PROBLEM DETAILS: Using the data below, copy out all lines with the word "tool".

(Stored data entries)
══════════
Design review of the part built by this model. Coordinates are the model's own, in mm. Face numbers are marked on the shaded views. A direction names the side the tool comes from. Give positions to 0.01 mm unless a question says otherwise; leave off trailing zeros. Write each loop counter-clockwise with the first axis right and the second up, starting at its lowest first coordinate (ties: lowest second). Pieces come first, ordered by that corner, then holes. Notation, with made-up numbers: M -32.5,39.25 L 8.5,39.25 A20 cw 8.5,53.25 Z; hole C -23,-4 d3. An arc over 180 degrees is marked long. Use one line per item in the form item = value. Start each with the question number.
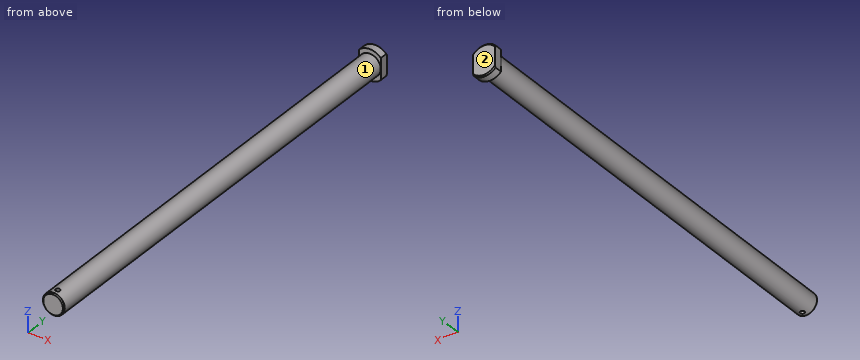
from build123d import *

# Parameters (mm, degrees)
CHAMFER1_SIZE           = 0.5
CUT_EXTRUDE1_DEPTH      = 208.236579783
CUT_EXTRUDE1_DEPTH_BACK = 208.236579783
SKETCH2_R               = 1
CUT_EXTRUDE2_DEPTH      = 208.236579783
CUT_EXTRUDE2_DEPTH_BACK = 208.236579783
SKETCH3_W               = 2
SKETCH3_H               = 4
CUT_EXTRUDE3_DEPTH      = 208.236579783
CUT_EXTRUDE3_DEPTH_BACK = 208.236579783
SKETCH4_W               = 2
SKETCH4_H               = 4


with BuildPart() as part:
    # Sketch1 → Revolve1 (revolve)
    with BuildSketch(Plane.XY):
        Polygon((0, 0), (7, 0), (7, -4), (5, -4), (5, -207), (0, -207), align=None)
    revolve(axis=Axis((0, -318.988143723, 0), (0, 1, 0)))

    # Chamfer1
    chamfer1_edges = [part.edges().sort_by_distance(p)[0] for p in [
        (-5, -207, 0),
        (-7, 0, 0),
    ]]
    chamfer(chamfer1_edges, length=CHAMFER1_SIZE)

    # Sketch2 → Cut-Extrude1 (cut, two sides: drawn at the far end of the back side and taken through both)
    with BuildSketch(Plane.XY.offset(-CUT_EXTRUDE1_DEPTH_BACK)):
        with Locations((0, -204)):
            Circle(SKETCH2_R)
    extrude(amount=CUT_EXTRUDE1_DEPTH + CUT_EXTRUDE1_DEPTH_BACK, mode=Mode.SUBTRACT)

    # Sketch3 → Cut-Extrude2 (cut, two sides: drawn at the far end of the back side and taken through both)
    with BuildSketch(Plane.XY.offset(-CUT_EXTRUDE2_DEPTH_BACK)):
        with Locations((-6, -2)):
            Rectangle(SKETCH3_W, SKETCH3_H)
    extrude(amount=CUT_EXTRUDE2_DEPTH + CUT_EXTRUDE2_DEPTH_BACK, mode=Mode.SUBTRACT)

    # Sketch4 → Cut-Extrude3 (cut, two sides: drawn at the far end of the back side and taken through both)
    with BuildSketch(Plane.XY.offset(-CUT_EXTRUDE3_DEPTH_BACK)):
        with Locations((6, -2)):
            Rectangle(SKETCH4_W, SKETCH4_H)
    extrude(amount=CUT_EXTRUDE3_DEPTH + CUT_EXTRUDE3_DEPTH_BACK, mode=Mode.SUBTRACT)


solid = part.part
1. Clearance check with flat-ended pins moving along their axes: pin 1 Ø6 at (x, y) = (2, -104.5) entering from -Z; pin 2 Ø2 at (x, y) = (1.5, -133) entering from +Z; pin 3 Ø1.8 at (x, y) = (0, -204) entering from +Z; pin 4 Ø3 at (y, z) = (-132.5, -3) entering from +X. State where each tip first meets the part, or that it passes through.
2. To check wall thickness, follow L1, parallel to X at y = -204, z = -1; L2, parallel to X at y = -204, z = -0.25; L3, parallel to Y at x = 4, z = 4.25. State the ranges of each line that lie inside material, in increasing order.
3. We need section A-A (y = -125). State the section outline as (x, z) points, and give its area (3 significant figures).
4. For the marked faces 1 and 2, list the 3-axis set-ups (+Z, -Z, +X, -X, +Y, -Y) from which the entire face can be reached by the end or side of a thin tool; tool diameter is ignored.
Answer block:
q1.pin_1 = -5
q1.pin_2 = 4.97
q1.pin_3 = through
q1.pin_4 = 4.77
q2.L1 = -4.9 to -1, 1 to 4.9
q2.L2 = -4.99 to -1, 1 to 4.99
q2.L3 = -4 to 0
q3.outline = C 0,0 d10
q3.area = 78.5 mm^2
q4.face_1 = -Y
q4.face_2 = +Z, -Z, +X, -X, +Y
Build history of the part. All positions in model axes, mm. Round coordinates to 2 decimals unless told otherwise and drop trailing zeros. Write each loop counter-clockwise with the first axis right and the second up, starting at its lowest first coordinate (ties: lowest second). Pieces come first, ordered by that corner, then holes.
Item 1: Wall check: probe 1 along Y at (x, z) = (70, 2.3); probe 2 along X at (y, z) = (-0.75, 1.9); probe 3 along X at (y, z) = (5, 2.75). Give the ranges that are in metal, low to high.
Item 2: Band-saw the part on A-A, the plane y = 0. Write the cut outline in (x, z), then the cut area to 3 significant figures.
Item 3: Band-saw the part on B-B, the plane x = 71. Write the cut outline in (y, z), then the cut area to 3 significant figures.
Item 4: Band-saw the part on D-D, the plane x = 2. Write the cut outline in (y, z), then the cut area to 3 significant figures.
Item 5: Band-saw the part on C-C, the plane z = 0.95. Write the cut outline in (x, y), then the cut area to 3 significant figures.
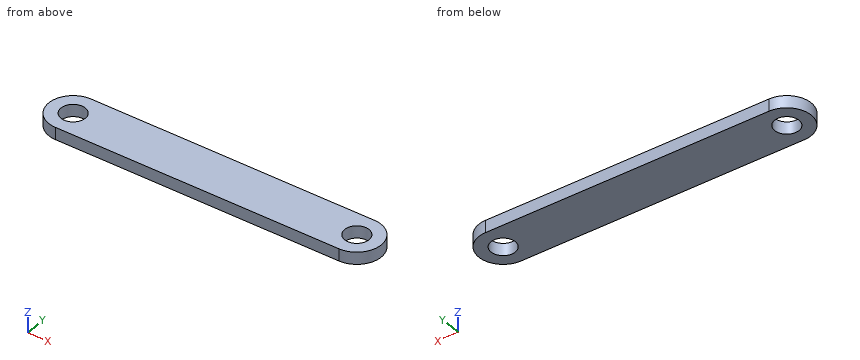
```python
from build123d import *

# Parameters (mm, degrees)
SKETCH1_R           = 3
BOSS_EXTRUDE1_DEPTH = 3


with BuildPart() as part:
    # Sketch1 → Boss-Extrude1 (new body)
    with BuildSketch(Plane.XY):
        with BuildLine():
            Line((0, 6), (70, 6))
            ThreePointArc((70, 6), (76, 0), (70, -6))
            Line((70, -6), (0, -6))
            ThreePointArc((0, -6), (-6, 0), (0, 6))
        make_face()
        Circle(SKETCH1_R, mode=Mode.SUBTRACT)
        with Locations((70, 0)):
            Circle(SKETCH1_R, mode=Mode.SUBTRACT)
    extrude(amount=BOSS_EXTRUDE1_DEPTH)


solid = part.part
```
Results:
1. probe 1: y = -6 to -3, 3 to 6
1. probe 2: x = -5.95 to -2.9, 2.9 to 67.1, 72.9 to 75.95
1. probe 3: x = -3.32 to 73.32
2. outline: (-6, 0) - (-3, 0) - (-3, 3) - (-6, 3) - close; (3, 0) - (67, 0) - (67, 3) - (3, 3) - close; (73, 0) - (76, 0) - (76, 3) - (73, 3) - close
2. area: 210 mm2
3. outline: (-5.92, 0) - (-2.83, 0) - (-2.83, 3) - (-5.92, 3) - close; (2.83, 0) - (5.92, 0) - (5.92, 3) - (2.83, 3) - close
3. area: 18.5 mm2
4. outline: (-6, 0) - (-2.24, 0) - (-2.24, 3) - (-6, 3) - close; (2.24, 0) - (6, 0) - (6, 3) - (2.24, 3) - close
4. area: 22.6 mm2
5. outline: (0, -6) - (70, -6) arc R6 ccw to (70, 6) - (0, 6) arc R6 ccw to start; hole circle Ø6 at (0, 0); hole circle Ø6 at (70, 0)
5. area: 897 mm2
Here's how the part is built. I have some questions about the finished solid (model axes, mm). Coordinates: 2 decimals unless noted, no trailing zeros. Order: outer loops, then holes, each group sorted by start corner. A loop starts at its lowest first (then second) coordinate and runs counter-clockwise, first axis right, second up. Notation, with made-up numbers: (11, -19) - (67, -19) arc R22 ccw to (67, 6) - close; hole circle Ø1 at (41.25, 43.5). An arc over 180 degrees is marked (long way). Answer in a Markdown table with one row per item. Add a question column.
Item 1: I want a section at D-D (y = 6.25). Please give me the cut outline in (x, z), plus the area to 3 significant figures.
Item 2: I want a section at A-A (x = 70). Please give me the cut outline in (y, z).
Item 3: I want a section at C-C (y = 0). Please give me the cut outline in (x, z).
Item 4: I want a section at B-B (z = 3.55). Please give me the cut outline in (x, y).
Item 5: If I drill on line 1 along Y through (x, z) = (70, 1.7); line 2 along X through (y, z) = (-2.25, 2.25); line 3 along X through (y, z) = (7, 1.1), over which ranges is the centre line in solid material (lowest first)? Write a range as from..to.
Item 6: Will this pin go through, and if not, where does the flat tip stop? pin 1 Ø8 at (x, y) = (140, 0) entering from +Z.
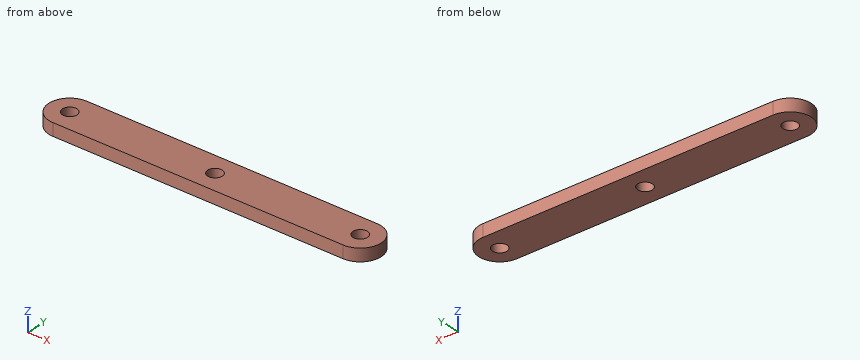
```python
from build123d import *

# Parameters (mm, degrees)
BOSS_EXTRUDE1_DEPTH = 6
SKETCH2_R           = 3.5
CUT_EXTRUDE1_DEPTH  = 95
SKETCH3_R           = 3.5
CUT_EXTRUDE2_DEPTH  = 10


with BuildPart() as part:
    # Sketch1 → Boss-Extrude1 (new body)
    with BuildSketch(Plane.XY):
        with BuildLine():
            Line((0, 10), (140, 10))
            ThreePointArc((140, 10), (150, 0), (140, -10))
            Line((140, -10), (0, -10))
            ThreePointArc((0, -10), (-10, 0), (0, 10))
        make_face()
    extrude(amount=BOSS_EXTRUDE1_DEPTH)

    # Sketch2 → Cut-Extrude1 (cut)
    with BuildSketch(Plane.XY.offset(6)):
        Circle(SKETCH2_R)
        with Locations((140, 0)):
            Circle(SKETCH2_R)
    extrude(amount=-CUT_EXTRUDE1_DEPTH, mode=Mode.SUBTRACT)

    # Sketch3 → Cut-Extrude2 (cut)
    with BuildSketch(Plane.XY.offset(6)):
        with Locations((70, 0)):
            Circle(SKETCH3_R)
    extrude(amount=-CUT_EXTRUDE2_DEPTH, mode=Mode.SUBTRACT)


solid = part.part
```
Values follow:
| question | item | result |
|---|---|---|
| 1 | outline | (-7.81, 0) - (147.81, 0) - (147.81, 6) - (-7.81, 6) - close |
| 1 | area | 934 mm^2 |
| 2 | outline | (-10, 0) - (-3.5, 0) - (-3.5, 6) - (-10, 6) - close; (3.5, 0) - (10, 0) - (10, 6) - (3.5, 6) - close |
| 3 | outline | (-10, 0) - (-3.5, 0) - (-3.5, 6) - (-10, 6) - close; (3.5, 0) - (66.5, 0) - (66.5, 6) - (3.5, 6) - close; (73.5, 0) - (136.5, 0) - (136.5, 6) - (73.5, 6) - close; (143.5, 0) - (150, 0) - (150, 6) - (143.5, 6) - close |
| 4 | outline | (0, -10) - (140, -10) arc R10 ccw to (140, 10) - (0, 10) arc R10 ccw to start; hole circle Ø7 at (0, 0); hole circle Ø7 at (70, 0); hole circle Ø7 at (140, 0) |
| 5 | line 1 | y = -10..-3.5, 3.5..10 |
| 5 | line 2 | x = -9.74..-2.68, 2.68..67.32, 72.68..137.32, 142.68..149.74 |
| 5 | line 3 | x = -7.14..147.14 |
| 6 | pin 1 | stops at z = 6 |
══════════
EXPECTED ANSWER:
Design review of the part built by this model. Coordinates are the model's own, in mm. Face numbers are marked on the shaded views. A direction names the side the tool comes from. Give positions to 0.01 mm unless a question says otherwise; leave off trailing zeros. Write each loop counter-clockwise with the first axis right and the second up, starting at its lowest first coordinate (ties: lowest second). Pieces come first, ordered by that corner, then holes. Notation, with made-up numbers: M -32.5,39.25 L 8.5,39.25 A20 cw 8.5,53.25 Z; hole C -23,-4 d3. An arc over 180 degrees is marked long. Use one line per item in the form item = value. Start each with the question number.
4. For the marked faces 1 and 2, list the 3-axis set-ups (+Z, -Z, +X, -X, +Y, -Y) from which the entire face can be reached by the end or side of a thin tool; tool diameter is ignored.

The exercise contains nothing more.